┌──

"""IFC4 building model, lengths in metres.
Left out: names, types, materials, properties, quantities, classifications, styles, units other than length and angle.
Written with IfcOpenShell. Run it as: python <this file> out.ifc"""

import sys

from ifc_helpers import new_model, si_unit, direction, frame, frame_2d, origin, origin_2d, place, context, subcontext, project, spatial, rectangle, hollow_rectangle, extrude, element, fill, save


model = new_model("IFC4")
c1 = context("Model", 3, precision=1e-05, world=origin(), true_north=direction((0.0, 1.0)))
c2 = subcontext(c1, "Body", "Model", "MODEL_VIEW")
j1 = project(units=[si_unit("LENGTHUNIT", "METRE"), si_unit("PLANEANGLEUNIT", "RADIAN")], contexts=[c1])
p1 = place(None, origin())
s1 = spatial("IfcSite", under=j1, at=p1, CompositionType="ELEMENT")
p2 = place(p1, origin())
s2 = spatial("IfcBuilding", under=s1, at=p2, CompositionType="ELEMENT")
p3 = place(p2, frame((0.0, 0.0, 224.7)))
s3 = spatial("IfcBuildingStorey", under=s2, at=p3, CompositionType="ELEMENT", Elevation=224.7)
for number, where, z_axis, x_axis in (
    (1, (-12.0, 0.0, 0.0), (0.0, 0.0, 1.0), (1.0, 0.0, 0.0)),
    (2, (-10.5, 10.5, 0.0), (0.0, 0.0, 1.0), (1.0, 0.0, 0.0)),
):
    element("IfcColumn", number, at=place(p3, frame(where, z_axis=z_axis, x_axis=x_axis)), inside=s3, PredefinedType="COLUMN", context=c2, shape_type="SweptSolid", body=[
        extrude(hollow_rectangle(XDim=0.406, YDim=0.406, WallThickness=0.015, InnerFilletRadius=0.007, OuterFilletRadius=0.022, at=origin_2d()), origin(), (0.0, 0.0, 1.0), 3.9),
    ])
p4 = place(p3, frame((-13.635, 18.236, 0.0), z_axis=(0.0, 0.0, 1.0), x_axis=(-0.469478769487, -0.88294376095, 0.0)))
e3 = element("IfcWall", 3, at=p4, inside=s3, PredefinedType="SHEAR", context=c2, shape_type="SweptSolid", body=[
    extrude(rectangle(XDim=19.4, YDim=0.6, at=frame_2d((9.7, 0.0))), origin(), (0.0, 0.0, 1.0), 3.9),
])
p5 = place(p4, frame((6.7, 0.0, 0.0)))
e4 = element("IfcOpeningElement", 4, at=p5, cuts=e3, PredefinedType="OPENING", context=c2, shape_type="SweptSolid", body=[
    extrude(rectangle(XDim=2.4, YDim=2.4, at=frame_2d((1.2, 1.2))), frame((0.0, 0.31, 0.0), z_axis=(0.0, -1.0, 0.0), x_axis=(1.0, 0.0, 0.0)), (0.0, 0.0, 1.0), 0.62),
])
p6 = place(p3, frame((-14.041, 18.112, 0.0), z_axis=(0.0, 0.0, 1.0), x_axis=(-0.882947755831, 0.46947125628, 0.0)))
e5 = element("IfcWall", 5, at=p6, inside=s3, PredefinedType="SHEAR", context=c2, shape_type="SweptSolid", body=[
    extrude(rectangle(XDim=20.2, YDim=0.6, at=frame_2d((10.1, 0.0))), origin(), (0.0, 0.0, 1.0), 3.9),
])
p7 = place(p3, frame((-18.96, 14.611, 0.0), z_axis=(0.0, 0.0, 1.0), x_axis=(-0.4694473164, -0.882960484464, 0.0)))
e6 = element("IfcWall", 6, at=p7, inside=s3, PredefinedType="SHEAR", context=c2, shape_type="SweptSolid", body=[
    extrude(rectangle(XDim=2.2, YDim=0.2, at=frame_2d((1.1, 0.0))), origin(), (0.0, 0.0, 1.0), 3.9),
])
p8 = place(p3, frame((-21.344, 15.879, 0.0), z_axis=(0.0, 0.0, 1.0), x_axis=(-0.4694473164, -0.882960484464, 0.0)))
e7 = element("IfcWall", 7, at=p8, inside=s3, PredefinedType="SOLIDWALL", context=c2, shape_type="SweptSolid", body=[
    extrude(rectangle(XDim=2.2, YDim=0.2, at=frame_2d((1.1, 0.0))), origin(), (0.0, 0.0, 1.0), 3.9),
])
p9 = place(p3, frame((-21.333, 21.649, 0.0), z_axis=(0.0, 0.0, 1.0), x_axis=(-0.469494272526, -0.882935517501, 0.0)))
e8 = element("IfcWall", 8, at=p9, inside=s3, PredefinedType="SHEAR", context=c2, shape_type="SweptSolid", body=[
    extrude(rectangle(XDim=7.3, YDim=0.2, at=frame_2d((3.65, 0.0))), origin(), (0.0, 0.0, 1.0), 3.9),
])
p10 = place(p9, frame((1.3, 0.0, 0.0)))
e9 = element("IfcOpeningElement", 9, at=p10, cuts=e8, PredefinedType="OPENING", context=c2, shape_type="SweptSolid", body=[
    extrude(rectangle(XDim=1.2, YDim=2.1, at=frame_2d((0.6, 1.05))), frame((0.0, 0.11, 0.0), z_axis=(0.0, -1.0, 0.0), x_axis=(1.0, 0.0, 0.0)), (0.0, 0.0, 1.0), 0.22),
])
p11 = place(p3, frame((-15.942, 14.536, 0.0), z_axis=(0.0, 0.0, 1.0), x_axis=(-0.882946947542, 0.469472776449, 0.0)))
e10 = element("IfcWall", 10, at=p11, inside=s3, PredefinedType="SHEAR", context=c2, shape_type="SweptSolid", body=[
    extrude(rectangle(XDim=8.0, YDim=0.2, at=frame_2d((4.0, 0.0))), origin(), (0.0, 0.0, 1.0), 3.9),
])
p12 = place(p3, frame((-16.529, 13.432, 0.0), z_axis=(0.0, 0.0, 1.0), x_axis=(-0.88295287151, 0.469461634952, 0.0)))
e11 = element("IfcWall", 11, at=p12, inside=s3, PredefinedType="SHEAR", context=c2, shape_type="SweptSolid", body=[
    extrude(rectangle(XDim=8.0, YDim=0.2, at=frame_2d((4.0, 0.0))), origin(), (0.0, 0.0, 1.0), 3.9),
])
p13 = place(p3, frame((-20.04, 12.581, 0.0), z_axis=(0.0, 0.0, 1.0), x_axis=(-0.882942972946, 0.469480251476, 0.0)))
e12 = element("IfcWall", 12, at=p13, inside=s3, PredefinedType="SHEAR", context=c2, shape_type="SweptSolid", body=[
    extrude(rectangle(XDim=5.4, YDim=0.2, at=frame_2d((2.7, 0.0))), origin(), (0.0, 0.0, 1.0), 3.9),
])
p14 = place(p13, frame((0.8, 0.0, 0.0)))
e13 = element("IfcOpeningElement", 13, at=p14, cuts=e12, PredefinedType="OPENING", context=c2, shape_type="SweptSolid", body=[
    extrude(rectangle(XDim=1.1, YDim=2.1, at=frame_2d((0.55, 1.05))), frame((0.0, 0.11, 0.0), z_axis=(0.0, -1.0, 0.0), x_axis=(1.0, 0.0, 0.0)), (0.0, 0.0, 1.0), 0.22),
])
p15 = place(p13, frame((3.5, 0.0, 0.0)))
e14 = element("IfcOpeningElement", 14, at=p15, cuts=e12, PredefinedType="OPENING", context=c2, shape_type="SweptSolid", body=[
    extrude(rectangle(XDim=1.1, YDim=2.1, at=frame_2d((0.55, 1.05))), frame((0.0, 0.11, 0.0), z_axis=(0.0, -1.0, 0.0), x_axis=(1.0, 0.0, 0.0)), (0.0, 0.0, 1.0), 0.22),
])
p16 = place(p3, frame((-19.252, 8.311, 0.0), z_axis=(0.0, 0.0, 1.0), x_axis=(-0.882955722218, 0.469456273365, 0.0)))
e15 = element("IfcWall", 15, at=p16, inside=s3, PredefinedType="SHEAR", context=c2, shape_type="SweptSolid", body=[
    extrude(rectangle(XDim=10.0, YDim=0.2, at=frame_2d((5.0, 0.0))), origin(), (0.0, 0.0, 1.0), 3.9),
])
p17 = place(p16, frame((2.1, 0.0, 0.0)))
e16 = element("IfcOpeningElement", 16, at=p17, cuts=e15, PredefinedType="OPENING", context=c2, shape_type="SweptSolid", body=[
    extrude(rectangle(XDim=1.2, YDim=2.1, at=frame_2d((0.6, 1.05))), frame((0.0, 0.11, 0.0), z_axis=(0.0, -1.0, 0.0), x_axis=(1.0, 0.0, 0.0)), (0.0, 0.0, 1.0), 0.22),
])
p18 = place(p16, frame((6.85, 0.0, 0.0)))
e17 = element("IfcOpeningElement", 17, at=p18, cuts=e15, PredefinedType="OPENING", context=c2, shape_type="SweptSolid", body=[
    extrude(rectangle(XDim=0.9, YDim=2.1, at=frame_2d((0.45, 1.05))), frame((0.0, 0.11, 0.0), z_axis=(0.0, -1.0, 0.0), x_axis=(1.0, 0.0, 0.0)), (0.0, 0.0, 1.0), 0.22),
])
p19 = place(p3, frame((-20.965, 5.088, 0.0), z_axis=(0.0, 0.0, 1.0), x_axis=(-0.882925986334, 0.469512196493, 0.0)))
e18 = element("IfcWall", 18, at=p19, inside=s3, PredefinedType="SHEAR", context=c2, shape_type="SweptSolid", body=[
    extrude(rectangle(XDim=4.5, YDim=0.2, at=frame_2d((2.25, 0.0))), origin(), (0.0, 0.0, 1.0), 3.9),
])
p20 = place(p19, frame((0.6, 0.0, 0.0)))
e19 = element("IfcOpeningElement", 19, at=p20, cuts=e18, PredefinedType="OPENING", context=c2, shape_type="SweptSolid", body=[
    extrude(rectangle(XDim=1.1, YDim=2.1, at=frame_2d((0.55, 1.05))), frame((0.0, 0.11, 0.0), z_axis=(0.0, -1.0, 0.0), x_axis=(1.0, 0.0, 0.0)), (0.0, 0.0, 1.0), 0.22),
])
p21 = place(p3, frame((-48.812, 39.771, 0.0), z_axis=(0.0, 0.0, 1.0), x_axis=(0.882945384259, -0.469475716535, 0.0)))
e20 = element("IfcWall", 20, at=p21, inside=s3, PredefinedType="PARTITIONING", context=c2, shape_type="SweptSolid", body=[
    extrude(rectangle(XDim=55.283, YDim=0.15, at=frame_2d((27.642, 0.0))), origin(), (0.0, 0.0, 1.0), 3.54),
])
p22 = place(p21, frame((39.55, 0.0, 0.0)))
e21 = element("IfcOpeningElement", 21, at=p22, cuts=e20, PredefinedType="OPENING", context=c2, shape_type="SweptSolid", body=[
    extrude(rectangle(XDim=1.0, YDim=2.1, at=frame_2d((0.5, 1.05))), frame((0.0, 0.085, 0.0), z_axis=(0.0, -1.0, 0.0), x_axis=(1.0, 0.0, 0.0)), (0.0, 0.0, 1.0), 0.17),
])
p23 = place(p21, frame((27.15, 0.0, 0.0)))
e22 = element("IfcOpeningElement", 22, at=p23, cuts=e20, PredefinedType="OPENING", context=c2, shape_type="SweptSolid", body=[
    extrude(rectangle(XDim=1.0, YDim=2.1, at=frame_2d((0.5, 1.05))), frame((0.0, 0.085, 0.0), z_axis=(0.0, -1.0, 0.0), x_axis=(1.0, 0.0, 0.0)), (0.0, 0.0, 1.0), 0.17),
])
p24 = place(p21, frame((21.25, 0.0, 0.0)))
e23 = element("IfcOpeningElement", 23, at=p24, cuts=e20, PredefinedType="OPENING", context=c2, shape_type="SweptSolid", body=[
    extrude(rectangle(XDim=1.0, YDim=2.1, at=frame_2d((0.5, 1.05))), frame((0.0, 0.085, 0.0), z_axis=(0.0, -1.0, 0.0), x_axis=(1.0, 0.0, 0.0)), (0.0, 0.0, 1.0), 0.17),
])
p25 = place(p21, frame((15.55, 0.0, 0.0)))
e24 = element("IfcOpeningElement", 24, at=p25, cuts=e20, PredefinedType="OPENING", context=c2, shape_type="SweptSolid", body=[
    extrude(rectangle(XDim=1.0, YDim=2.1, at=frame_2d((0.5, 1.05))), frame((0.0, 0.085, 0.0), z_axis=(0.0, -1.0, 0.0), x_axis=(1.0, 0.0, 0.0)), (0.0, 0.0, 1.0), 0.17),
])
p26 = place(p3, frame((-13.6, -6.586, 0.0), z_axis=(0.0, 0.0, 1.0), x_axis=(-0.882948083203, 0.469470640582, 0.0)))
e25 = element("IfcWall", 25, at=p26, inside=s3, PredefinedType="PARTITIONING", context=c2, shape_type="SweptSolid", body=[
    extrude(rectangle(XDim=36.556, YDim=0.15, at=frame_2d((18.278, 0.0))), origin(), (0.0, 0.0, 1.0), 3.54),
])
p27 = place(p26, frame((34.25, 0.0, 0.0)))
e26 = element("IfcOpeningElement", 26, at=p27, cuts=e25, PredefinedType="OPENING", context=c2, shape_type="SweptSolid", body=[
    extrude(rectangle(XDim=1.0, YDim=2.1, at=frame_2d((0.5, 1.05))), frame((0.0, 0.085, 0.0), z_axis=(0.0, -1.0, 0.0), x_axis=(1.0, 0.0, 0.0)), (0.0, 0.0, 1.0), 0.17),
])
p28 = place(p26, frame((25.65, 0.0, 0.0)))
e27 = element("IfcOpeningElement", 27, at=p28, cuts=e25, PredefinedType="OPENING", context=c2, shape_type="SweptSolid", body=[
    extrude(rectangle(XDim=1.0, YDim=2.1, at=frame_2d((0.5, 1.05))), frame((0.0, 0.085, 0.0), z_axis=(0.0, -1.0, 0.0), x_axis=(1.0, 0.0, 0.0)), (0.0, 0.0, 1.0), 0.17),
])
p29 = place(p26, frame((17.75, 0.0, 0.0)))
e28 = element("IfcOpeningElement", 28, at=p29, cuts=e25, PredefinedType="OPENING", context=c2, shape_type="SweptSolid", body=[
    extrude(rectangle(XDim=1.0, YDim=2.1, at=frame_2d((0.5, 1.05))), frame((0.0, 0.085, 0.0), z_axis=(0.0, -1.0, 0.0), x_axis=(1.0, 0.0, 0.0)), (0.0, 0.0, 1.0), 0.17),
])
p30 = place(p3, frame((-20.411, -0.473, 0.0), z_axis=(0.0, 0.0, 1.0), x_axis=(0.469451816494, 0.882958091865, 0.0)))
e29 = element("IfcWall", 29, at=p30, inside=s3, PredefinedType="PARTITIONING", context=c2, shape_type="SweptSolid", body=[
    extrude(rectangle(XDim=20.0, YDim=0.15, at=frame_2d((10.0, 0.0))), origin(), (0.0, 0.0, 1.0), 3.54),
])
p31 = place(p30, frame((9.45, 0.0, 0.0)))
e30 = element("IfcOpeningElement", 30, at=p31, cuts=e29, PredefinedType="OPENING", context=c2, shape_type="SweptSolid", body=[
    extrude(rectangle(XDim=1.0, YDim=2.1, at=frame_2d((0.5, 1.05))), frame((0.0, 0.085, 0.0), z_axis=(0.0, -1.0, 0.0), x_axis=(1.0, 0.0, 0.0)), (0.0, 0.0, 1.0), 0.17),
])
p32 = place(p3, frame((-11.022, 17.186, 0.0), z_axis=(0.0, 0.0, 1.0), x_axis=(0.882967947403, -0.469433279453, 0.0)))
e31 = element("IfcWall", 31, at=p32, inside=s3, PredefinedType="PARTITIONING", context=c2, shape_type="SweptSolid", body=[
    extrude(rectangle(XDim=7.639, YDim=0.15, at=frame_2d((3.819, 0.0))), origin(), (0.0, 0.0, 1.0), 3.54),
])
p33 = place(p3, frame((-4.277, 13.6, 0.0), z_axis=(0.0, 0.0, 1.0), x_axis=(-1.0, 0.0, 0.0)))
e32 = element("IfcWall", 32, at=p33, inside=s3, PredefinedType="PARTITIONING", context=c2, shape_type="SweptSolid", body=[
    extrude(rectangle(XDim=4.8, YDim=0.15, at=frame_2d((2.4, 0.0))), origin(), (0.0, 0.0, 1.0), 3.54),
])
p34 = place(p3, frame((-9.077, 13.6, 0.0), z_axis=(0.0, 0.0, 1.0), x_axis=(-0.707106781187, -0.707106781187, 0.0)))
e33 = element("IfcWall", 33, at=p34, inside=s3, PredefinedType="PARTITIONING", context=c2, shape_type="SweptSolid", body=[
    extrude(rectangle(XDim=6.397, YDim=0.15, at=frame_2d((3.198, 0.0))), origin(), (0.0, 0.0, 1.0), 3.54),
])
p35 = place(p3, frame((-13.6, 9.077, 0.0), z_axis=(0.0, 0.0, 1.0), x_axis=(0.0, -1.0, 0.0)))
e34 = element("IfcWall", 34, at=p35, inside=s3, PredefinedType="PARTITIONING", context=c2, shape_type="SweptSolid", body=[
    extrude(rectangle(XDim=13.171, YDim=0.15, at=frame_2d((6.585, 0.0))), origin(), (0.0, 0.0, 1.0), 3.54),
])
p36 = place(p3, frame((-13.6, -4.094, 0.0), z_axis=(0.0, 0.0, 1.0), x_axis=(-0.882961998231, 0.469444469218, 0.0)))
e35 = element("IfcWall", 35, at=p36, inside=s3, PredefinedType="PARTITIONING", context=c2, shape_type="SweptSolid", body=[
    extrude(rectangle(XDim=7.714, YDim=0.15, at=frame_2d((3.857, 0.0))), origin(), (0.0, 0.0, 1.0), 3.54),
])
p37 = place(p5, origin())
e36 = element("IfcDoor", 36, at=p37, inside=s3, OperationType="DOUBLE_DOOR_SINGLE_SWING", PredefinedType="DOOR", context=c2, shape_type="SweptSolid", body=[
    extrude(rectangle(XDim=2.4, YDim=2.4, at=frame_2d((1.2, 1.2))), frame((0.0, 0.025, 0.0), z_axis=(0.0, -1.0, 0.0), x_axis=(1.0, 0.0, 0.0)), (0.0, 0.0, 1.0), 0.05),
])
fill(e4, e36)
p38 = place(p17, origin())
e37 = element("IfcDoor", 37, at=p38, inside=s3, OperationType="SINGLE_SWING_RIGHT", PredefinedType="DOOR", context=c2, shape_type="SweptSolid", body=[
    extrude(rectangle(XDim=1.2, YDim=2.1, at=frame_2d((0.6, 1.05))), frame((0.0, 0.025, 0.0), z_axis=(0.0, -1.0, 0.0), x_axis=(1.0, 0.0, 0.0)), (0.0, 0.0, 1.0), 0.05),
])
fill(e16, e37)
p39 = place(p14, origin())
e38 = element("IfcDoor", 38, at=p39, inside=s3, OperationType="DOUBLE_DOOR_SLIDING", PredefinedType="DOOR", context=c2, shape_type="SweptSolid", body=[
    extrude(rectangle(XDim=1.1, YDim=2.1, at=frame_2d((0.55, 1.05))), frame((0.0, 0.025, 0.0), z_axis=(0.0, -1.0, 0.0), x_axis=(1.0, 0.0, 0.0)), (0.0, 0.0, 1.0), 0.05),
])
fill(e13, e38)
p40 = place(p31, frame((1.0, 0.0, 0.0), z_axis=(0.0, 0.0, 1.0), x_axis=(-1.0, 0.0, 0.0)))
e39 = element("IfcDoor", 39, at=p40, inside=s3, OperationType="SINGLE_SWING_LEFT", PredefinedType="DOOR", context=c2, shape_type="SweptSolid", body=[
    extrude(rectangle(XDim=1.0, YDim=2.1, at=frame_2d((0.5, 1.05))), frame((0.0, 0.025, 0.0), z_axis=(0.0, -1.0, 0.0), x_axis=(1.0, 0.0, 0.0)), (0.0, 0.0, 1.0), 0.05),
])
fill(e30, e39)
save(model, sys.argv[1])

└──

§ **Action item**
From the entries above, return each line with the word "where" in it.

§ **Result**
for number, where, z_axis, x_axis in (
    element("IfcColumn", number, at=place(p3, frame(where, z_axis=z_axis, x_axis=x_axis)), inside=s3, PredefinedType="COLUMN", context=c2, shape_type="SweptSolid", body=[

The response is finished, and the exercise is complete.